#### What you should do:
Both the line containing "#34=FACE_BOUND('',#33,.T.);" and the line containing "#55=VECTOR('',#54,1.);" belong to the span. Output exactly that span from the listing below, and nothing outside it.

#### Dataset excerpts:
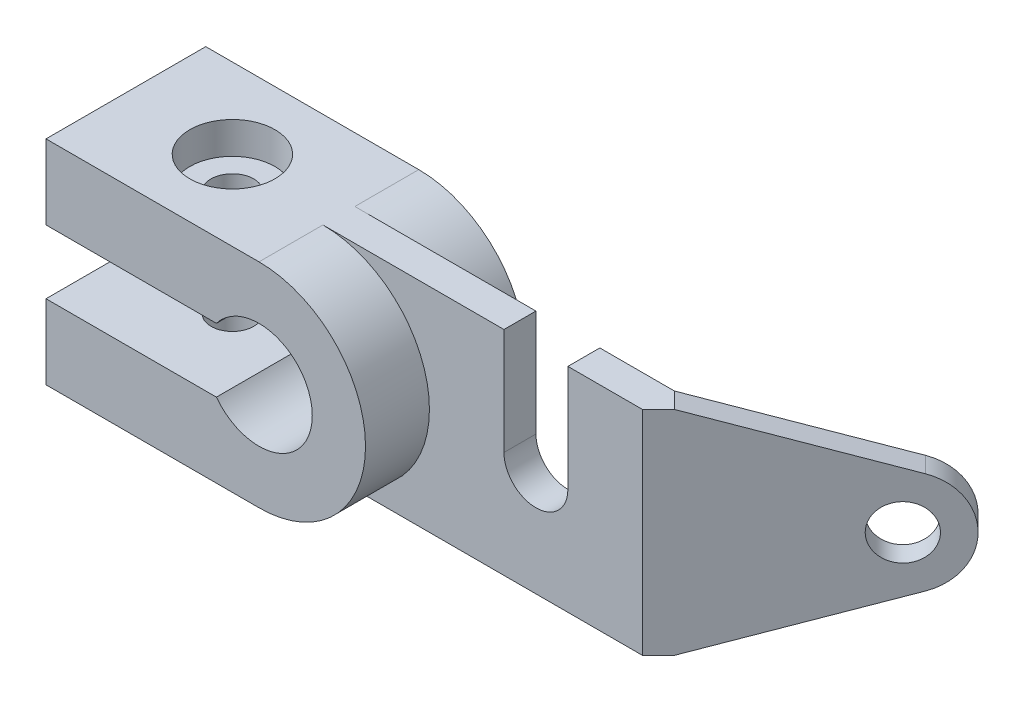
ISO-10303-21;
HEADER;
FILE_DESCRIPTION(('STEP AP214'),'2;1');
FILE_NAME('part.step','',(''),(''),'','','');
FILE_SCHEMA(('AUTOMOTIVE_DESIGN { 1 0 10303 214 1 1 1 1 }'));
ENDSEC;
DATA;
#1=APPLICATION_CONTEXT('core data for automotive mechanical design processes');
#2=APPLICATION_PROTOCOL_DEFINITION('international standard','automotive_design',2000,#1);
#3=PRODUCT_CONTEXT('',#1,'mechanical');
#4=PRODUCT('Part','Part','',(#3));
#5=PRODUCT_RELATED_PRODUCT_CATEGORY('part','',(#4));
#6=PRODUCT_DEFINITION_FORMATION('','',#4);
#7=PRODUCT_DEFINITION_CONTEXT('part definition',#1,'design');
#8=PRODUCT_DEFINITION('design','',#6,#7);
#9=PRODUCT_DEFINITION_SHAPE('','',#8);
#10=(LENGTH_UNIT() NAMED_UNIT(*) SI_UNIT(.MILLI.,.METRE.));
#11=(NAMED_UNIT(*) PLANE_ANGLE_UNIT() SI_UNIT($,.RADIAN.));
#12=(NAMED_UNIT(*) SI_UNIT($,.STERADIAN.) SOLID_ANGLE_UNIT());
#13=UNCERTAINTY_MEASURE_WITH_UNIT(LENGTH_MEASURE(1.E-05),#10,'distance_accuracy_value','');
#14=(GEOMETRIC_REPRESENTATION_CONTEXT(3) GLOBAL_UNCERTAINTY_ASSIGNED_CONTEXT((#13)) GLOBAL_UNIT_ASSIGNED_CONTEXT((#10,
#11,#12)) REPRESENTATION_CONTEXT('',''));
#15=CARTESIAN_POINT('',(0.,0.,0.));
#16=DIRECTION('',(0.,0.,1.));
#17=DIRECTION('',(1.,0.,0.));
#18=AXIS2_PLACEMENT_3D('',#15,#16,#17);
#19=CARTESIAN_POINT('',(90.,30.,4.5));
#20=DIRECTION('',(-0.707106781186549,0.,-0.707106781186546));
#21=DIRECTION('',(-0.707106781186546,0.,0.707106781186549));
#22=AXIS2_PLACEMENT_3D('',#19,#20,#21);
#23=PLANE('',#22);
#24=CARTESIAN_POINT('',(126.673358543988,0.,-32.173358543988));
#25=DIRECTION('',(-0.707106781186549,0.,-0.707106781186546));
#26=DIRECTION('',(-0.707106781186546,0.,0.707106781186549));
#27=AXIS2_PLACEMENT_3D('',#24,#25,#26);
#28=CIRCLE('',#27,7.50000000000002);
#29=CARTESIAN_POINT('',(121.370057685089,0.,-26.8700576850888));
#30=VERTEX_POINT('',#29);
#31=EDGE_CURVE('E220',#30,#30,#28,.T.);
#32=ORIENTED_EDGE('',*,*,#31,.T.);
#33=EDGE_LOOP('',(#32));
#34=FACE_BOUND('',#33,.T.);
#35=DIRECTION('',(0.674665588129938,0.299420587780075,-0.674665588129941));
#36=VECTOR('',#35,1.);
#37=CARTESIAN_POINT('',(102.523963114911,-26.4389175993817,-8.02396311491096));
#38=LINE('',#37,#36);
#39=CARTESIAN_POINT('',(94.5,-30.,0.));
#40=VERTEX_POINT('',#39);
#41=CARTESIAN_POINT('',(129.84919346468,-14.3118183719967,-35.3491934646803));
#42=VERTEX_POINT('',#41);
#43=EDGE_CURVE('E197',#40,#42,#38,.T.);
#44=ORIENTED_EDGE('',*,*,#43,.T.);
#45=CARTESIAN_POINT('',(126.673358543988,0.,-32.173358543988));
#46=DIRECTION('',(-0.707106781186549,0.,-0.707106781186546));
#47=DIRECTION('',(-0.707106781186546,0.,0.707106781186549));
#48=AXIS2_PLACEMENT_3D('',#45,#46,#47);
#49=CIRCLE('',#48,15.);
#50=CARTESIAN_POINT('',(129.84919346468,14.3118183719967,-35.3491934646803));
#51=VERTEX_POINT('',#50);
#52=EDGE_CURVE('E358',#51,#42,#49,.T.);
#53=ORIENTED_EDGE('',*,*,#52,.F.);
#54=DIRECTION('',(-0.674665588129938,0.299420587780076,0.674665588129941));
#55=VECTOR('',#54,1.);
#56=CARTESIAN_POINT('',(90.4034370977395,31.8180789025757,4.09656290226045));
#57=LINE('',#56,#55);
#58=CARTESIAN_POINT('',(94.5,30.,0.));
#59=VERTEX_POINT('',#58);
#60=EDGE_CURVE('E352',#51,#59,#57,.T.);
#61=ORIENTED_EDGE('',*,*,#60,.T.);
#62=DIRECTION('',(0.707106781186546,0.,-0.707106781186549));
#63=VECTOR('',#62,1.);
#64=CARTESIAN_POINT('',(90.,30.,4.5));
#65=LINE('',#64,#63);
#66=CARTESIAN_POINT('',(90.,30.,4.5));
#67=VERTEX_POINT('',#66);
#68=EDGE_CURVE('E353',#67,#59,#65,.T.);
#69=ORIENTED_EDGE('',*,*,#68,.F.);
#70=DIRECTION('',(0.,-1.,0.));
#71=VECTOR('',#70,1.);
#72=CARTESIAN_POINT('',(90.,30.,4.5));
#73=LINE('',#72,#71);
#74=CARTESIAN_POINT('',(90.,-30.,4.5));
#75=VERTEX_POINT('',#74);
#76=EDGE_CURVE('E222',#67,#75,#73,.T.);
#77=ORIENTED_EDGE('',*,*,#76,.T.);
#78=DIRECTION('',(0.707106781186546,0.,-0.707106781186549));
#79=VECTOR('',#78,1.);
#80=CARTESIAN_POINT('',(90.,-30.,4.5));
#81=LINE('',#80,#79);
#82=EDGE_CURVE('E218',#75,#40,#81,.T.);
#83=ORIENTED_EDGE('',*,*,#82,.T.);
#84=EDGE_LOOP('',(#44,#53,#61,#69,#77,#83));
#85=FACE_BOUND('',#84,.T.);
#86=ADVANCED_FACE('F69',(#34,#85),#23,.F.);
#87=CARTESIAN_POINT('',(132.779960261786,30.,-47.2799602617859));
#88=DIRECTION('',(0.707106781186544,0.,0.707106781186551));
#89=DIRECTION('',(0.707106781186551,0.,-0.707106781186544));
#90=AXIS2_PLACEMENT_3D('',#87,#88,#89);
#91=PLANE('',#90);
#92=CARTESIAN_POINT('',(122.173358543988,0.,-36.6733585439877));
#93=DIRECTION('',(0.707106781186544,0.,0.707106781186551));
#94=DIRECTION('',(0.707106781186551,0.,-0.707106781186544));
#95=AXIS2_PLACEMENT_3D('',#92,#93,#94);
#96=CIRCLE('',#95,7.50000000000002);
#97=CARTESIAN_POINT('',(127.476659402887,0.,-41.9766594028868));
#98=VERTEX_POINT('',#97);
#99=EDGE_CURVE('E71',#98,#98,#96,.T.);
#100=ORIENTED_EDGE('',*,*,#99,.T.);
#101=EDGE_LOOP('',(#100));
#102=FACE_BOUND('',#101,.T.);
#103=CARTESIAN_POINT('',(122.173358543988,0.,-36.6733585439877));
#104=DIRECTION('',(0.707106781186544,0.,0.707106781186551));
#105=DIRECTION('',(0.707106781186551,0.,-0.707106781186544));
#106=AXIS2_PLACEMENT_3D('',#103,#104,#105);
#107=CIRCLE('',#106,15.);
#108=CARTESIAN_POINT('',(125.34919346468,-14.3118183719967,-39.84919346468));
#109=VERTEX_POINT('',#108);
#110=CARTESIAN_POINT('',(125.34919346468,14.3118183719967,-39.84919346468));
#111=VERTEX_POINT('',#110);
#112=EDGE_CURVE('E12',#109,#111,#107,.T.);
#113=ORIENTED_EDGE('',*,*,#112,.F.);
#114=DIRECTION('',(-0.674665588129943,-0.299420587780075,0.674665588129936));
#115=VECTOR('',#114,1.);
#116=CARTESIAN_POINT('',(141.065147832418,-7.33698465125482,-55.5651478324177));
#117=LINE('',#116,#115);
#118=CARTESIAN_POINT('',(90.,-30.,-4.5));
#119=VERTEX_POINT('',#118);
#120=EDGE_CURVE('E209',#109,#119,#117,.T.);
#121=ORIENTED_EDGE('',*,*,#120,.T.);
#122=DIRECTION('',(0.,-1.,0.));
#123=VECTOR('',#122,1.);
#124=CARTESIAN_POINT('',(90.,30.,-4.5));
#125=LINE('',#124,#123);
#126=CARTESIAN_POINT('',(90.,30.,-4.5));
#127=VERTEX_POINT('',#126);
#128=EDGE_CURVE('E231',#127,#119,#125,.T.);
#129=ORIENTED_EDGE('',*,*,#128,.F.);
#130=DIRECTION('',(0.674665588129943,-0.299420587780076,-0.674665588129936));
#131=VECTOR('',#130,1.);
#132=CARTESIAN_POINT('',(128.944621815247,12.7161459544488,-43.4446218152463));
#133=LINE('',#132,#131);
#134=EDGE_CURVE('E77',#127,#111,#133,.T.);
#135=ORIENTED_EDGE('',*,*,#134,.T.);
#136=EDGE_LOOP('',(#113,#121,#129,#135));
#137=FACE_BOUND('',#136,.T.);
#138=ADVANCED_FACE('F345',(#102,#137),#91,.F.);
#139=CARTESIAN_POINT('',(0.,30.,22.5));
#140=DIRECTION('',(0.,-1.,0.));
#141=DIRECTION('',(1.,0.,0.));
#142=AXIS2_PLACEMENT_3D('',#139,#140,#141);
#143=PLANE('',#142);
#144=CARTESIAN_POINT('',(-30.,30.,0.));
#145=DIRECTION('',(0.,1.,0.));
#146=DIRECTION('',(-1.,0.,0.));
#147=AXIS2_PLACEMENT_3D('',#144,#145,#146);
#148=CIRCLE('',#147,12.);
#149=CARTESIAN_POINT('',(-42.,30.,0.));
#150=VERTEX_POINT('',#149);
#151=EDGE_CURVE('E263',#150,#150,#148,.T.);
#152=ORIENTED_EDGE('',*,*,#151,.F.);
#153=EDGE_LOOP('',(#152));
#154=FACE_BOUND('',#153,.T.);
#155=DIRECTION('',(0.,0.,-1.));
#156=VECTOR('',#155,1.);
#157=CARTESIAN_POINT('',(51.,30.,25.5));
#158=LINE('',#157,#156);
#159=CARTESIAN_POINT('',(51.,30.,4.5));
#160=VERTEX_POINT('',#159);
#161=CARTESIAN_POINT('',(51.,30.,-4.5));
#162=VERTEX_POINT('',#161);
#163=EDGE_CURVE('E362',#160,#162,#158,.T.);
#164=ORIENTED_EDGE('',*,*,#163,.T.);
#165=DIRECTION('',(-1.,0.,0.));
#166=VECTOR('',#165,1.);
#167=CARTESIAN_POINT('',(0.,30.,-4.5));
#168=LINE('',#167,#166);
#169=CARTESIAN_POINT('',(0.,30.,-4.49999999999999));
#170=VERTEX_POINT('',#169);
#171=EDGE_CURVE('E382',#162,#170,#168,.T.);
#172=ORIENTED_EDGE('',*,*,#171,.T.);
#173=DIRECTION('',(0.,0.,-1.));
#174=VECTOR('',#173,1.);
#175=CARTESIAN_POINT('',(0.,30.,22.5));
#176=LINE('',#175,#174);
#177=CARTESIAN_POINT('',(0.,30.,-22.5));
#178=VERTEX_POINT('',#177);
#179=EDGE_CURVE('E316',#170,#178,#176,.T.);
#180=ORIENTED_EDGE('',*,*,#179,.T.);
#181=DIRECTION('',(-1.,0.,0.));
#182=VECTOR('',#181,1.);
#183=CARTESIAN_POINT('',(0.,30.,-22.5));
#184=LINE('',#183,#182);
#185=CARTESIAN_POINT('',(-60.,30.,-22.5));
#186=VERTEX_POINT('',#185);
#187=EDGE_CURVE('E293',#178,#186,#184,.T.);
#188=ORIENTED_EDGE('',*,*,#187,.T.);
#189=DIRECTION('',(0.,0.,-1.));
#190=VECTOR('',#189,1.);
#191=CARTESIAN_POINT('',(-60.,30.,22.5));
#192=LINE('',#191,#190);
#193=CARTESIAN_POINT('',(-60.,30.,22.5));
#194=VERTEX_POINT('',#193);
#195=EDGE_CURVE('E320',#194,#186,#192,.T.);
#196=ORIENTED_EDGE('',*,*,#195,.F.);
#197=DIRECTION('',(-1.,0.,0.));
#198=VECTOR('',#197,1.);
#199=CARTESIAN_POINT('',(0.,30.,22.5));
#200=LINE('',#199,#198);
#201=CARTESIAN_POINT('',(0.,30.,22.5));
#202=VERTEX_POINT('',#201);
#203=EDGE_CURVE('E269',#202,#194,#200,.T.);
#204=ORIENTED_EDGE('',*,*,#203,.F.);
#205=CARTESIAN_POINT('',(0.,30.,4.5));
#206=VERTEX_POINT('',#205);
#207=EDGE_CURVE('E318',#202,#206,#176,.T.);
#208=ORIENTED_EDGE('',*,*,#207,.T.);
#209=DIRECTION('',(1.,0.,0.));
#210=VECTOR('',#209,1.);
#211=CARTESIAN_POINT('',(0.,30.,4.5));
#212=LINE('',#211,#210);
#213=EDGE_CURVE('E377',#206,#160,#212,.T.);
#214=ORIENTED_EDGE('',*,*,#213,.T.);
#215=EDGE_LOOP('',(#164,#172,#180,#188,#196,#204,#208,#214));
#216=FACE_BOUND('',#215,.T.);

#### Exercise solution:
#34=FACE_BOUND('',#33,.T.);
#35=DIRECTION('',(0.674665588129938,0.299420587780075,-0.674665588129941));
#36=VECTOR('',#35,1.);
#37=CARTESIAN_POINT('',(102.523963114911,-26.4389175993817,-8.02396311491096));
#38=LINE('',#37,#36);
#39=CARTESIAN_POINT('',(94.5,-30.,0.));
#40=VERTEX_POINT('',#39);
#41=CARTESIAN_POINT('',(129.84919346468,-14.3118183719967,-35.3491934646803));
#42=VERTEX_POINT('',#41);
#43=EDGE_CURVE('E197',#40,#42,#38,.T.);
#44=ORIENTED_EDGE('',*,*,#43,.T.);
#45=CARTESIAN_POINT('',(126.673358543988,0.,-32.173358543988));
#46=DIRECTION('',(-0.707106781186549,0.,-0.707106781186546));
#47=DIRECTION('',(-0.707106781186546,0.,0.707106781186549));
#48=AXIS2_PLACEMENT_3D('',#45,#46,#47);
#49=CIRCLE('',#48,15.);
#50=CARTESIAN_POINT('',(129.84919346468,14.3118183719967,-35.3491934646803));
#51=VERTEX_POINT('',#50);
#52=EDGE_CURVE('E358',#51,#42,#49,.T.);
#53=ORIENTED_EDGE('',*,*,#52,.F.);
#54=DIRECTION('',(-0.674665588129938,0.299420587780076,0.674665588129941));
#55=VECTOR('',#54,1.);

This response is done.